* **Data items**

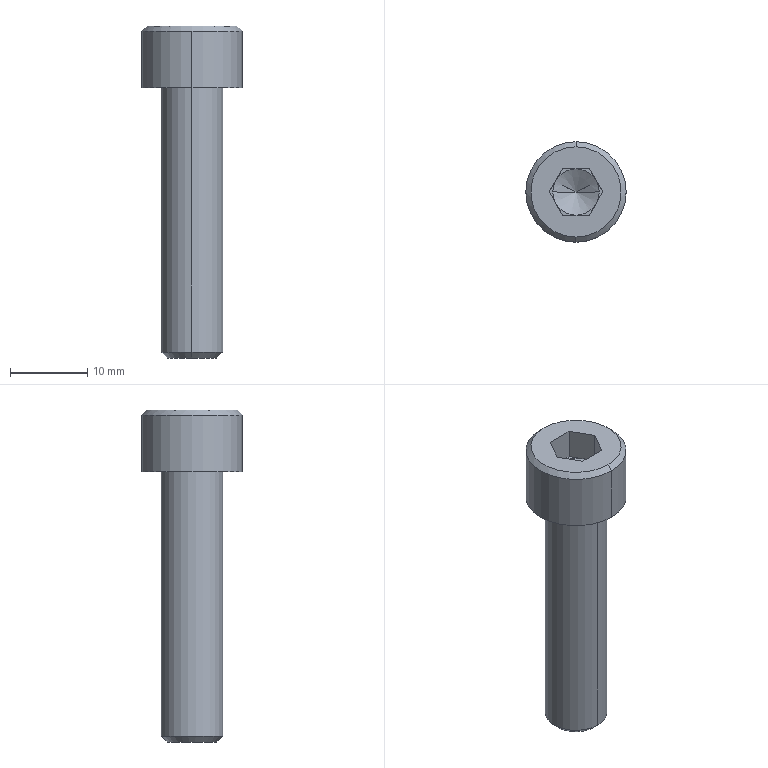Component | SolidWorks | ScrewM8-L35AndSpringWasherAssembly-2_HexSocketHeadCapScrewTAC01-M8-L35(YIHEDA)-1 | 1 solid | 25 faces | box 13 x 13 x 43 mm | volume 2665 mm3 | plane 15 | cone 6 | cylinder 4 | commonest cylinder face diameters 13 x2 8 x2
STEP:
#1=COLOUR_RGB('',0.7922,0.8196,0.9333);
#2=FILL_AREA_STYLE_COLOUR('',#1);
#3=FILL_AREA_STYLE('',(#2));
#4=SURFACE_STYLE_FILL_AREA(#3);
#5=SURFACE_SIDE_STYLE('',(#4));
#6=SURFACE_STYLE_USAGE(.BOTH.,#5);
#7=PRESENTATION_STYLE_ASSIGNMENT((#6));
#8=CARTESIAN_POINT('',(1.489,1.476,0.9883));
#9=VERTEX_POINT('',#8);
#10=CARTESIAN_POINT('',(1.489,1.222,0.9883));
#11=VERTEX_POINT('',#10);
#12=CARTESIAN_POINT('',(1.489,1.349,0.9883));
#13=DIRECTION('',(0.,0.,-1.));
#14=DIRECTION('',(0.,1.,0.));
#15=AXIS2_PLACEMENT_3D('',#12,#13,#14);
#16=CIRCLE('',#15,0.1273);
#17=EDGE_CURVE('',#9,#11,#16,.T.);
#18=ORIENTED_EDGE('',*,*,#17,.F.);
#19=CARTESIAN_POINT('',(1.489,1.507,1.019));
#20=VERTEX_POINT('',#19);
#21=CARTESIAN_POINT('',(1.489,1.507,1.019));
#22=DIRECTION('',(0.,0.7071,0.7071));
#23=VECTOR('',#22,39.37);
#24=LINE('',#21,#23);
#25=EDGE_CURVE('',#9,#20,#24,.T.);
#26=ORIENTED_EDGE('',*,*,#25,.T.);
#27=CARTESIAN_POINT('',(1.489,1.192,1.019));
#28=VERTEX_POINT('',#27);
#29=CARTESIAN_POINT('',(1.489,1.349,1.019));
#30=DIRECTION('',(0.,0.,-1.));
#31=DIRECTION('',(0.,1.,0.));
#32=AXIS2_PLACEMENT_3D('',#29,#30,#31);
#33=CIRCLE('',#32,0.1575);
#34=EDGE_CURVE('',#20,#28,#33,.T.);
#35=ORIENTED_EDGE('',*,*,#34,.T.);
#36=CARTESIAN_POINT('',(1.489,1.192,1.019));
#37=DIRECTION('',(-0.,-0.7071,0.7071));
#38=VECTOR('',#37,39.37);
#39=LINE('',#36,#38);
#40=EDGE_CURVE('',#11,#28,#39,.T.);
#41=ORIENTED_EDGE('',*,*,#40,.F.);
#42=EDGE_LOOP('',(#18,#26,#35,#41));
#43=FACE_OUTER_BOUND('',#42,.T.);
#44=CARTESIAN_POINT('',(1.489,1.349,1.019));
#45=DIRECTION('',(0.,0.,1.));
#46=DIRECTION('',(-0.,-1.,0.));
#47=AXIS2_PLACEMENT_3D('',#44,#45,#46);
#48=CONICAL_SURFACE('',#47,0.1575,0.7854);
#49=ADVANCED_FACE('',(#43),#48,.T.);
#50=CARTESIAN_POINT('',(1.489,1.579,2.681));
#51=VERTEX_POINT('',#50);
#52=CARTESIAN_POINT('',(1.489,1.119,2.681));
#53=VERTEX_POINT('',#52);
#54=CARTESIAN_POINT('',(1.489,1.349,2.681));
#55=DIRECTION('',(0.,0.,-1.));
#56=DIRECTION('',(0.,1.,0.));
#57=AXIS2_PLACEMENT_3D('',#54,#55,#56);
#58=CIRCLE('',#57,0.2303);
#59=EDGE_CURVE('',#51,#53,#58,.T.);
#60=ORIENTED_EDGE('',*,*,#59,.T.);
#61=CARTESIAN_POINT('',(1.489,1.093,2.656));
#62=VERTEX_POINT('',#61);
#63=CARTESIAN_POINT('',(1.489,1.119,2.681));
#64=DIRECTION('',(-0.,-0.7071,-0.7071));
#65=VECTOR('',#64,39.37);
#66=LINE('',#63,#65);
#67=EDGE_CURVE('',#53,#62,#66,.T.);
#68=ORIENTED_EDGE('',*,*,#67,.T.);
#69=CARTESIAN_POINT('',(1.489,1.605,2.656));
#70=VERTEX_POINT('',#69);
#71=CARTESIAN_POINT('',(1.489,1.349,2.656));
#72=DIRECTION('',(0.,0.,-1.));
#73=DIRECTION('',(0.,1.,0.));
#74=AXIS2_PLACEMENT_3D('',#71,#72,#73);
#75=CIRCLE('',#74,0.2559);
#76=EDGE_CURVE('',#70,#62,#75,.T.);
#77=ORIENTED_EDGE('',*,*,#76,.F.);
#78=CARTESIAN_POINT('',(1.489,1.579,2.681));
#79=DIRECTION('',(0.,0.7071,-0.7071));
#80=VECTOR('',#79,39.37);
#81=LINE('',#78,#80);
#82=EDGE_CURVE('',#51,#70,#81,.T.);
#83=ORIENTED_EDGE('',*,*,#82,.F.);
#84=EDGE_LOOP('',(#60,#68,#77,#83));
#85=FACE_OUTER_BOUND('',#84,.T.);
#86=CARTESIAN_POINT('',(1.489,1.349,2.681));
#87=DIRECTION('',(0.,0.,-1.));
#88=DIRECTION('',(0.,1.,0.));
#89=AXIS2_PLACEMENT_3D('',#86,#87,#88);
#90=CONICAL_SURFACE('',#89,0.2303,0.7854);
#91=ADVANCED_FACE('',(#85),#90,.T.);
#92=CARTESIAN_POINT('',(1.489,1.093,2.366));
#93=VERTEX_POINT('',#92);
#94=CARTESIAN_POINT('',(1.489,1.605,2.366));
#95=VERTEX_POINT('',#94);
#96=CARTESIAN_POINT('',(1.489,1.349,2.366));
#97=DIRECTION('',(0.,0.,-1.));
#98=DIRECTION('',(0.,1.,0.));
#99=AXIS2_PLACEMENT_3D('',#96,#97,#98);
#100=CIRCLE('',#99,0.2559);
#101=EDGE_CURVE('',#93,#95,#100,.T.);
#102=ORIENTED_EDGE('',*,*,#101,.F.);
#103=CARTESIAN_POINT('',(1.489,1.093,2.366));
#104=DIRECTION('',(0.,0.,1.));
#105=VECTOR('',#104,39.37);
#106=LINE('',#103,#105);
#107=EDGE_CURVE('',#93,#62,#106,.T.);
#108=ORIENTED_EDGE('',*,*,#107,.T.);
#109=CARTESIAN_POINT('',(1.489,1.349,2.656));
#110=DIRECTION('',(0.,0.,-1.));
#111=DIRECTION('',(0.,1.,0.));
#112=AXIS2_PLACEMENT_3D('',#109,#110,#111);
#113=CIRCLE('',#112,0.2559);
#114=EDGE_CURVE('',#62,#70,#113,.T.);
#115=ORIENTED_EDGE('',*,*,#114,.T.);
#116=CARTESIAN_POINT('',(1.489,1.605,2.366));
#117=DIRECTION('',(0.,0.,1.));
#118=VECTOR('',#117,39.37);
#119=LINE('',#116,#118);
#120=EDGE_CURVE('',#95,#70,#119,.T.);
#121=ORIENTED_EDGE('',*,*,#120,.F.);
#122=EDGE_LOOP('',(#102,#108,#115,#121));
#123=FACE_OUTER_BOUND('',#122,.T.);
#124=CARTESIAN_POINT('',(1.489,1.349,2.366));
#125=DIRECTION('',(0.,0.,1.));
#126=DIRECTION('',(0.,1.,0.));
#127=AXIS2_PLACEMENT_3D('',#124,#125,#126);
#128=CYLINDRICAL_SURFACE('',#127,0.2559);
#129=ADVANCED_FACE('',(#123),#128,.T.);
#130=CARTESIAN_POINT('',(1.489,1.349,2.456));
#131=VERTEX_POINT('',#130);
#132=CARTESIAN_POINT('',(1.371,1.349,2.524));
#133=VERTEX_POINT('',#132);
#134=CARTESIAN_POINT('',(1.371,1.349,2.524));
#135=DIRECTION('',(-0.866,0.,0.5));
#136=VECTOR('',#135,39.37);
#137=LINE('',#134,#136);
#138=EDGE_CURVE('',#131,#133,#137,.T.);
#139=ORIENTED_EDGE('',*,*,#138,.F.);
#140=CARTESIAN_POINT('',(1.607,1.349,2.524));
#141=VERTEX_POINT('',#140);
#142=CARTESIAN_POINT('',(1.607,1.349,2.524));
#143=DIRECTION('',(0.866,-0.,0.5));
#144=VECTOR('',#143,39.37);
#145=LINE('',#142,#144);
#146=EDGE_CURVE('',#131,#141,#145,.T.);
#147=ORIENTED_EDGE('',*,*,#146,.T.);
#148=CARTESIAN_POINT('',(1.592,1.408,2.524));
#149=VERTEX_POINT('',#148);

* **WHAT YOU SHOULD DO**
Nothing outside the span should appear: transcribe the lines from the one containing "#103=CARTESIAN_POINT('',(1.489,1.093,2.366));" through the last line of the records.

* **ANSWER BOX**
#103=CARTESIAN_POINT('',(1.489,1.093,2.366));
#104=DIRECTION('',(0.,0.,1.));
#105=VECTOR('',#104,39.37);
#106=LINE('',#103,#105);
#107=EDGE_CURVE('',#93,#62,#106,.T.);
#108=ORIENTED_EDGE('',*,*,#107,.T.);
#109=CARTESIAN_POINT('',(1.489,1.349,2.656));
#110=DIRECTION('',(0.,0.,-1.));
#111=DIRECTION('',(0.,1.,0.));
#112=AXIS2_PLACEMENT_3D('',#109,#110,#111);
#113=CIRCLE('',#112,0.2559);
#114=EDGE_CURVE('',#62,#70,#113,.T.);
#115=ORIENTED_EDGE('',*,*,#114,.T.);
#116=CARTESIAN_POINT('',(1.489,1.605,2.366));
#117=DIRECTION('',(0.,0.,1.));
#118=VECTOR('',#117,39.37);
#119=LINE('',#116,#118);
#120=EDGE_CURVE('',#95,#70,#119,.T.);
#121=ORIENTED_EDGE('',*,*,#120,.F.);
#122=EDGE_LOOP('',(#102,#108,#115,#121));
#123=FACE_OUTER_BOUND('',#122,.T.);
#124=CARTESIAN_POINT('',(1.489,1.349,2.366));
#125=DIRECTION('',(0.,0.,1.));
#126=DIRECTION('',(0.,1.,0.));
#127=AXIS2_PLACEMENT_3D('',#124,#125,#126);
#128=CYLINDRICAL_SURFACE('',#127,0.2559);
#129=ADVANCED_FACE('',(#123),#128,.T.);
#130=CARTESIAN_POINT('',(1.489,1.349,2.456));
#131=VERTEX_POINT('',#130);
#132=CARTESIAN_POINT('',(1.371,1.349,2.524));
#133=VERTEX_POINT('',#132);
#134=CARTESIAN_POINT('',(1.371,1.349,2.524));
#135=DIRECTION('',(-0.866,0.,0.5));
#136=VECTOR('',#135,39.37);
#137=LINE('',#134,#136);
#138=EDGE_CURVE('',#131,#133,#137,.T.);
#139=ORIENTED_EDGE('',*,*,#138,.F.);
#140=CARTESIAN_POINT('',(1.607,1.349,2.524));
#141=VERTEX_POINT('',#140);
#142=CARTESIAN_POINT('',(1.607,1.349,2.524));
#143=DIRECTION('',(0.866,-0.,0.5));
#144=VECTOR('',#143,39.37);
#145=LINE('',#142,#144);
#146=EDGE_CURVE('',#131,#141,#145,.T.);
#147=ORIENTED_EDGE('',*,*,#146,.T.);
#148=CARTESIAN_POINT('',(1.592,1.408,2.524));
#149=VERTEX_POINT('',#148);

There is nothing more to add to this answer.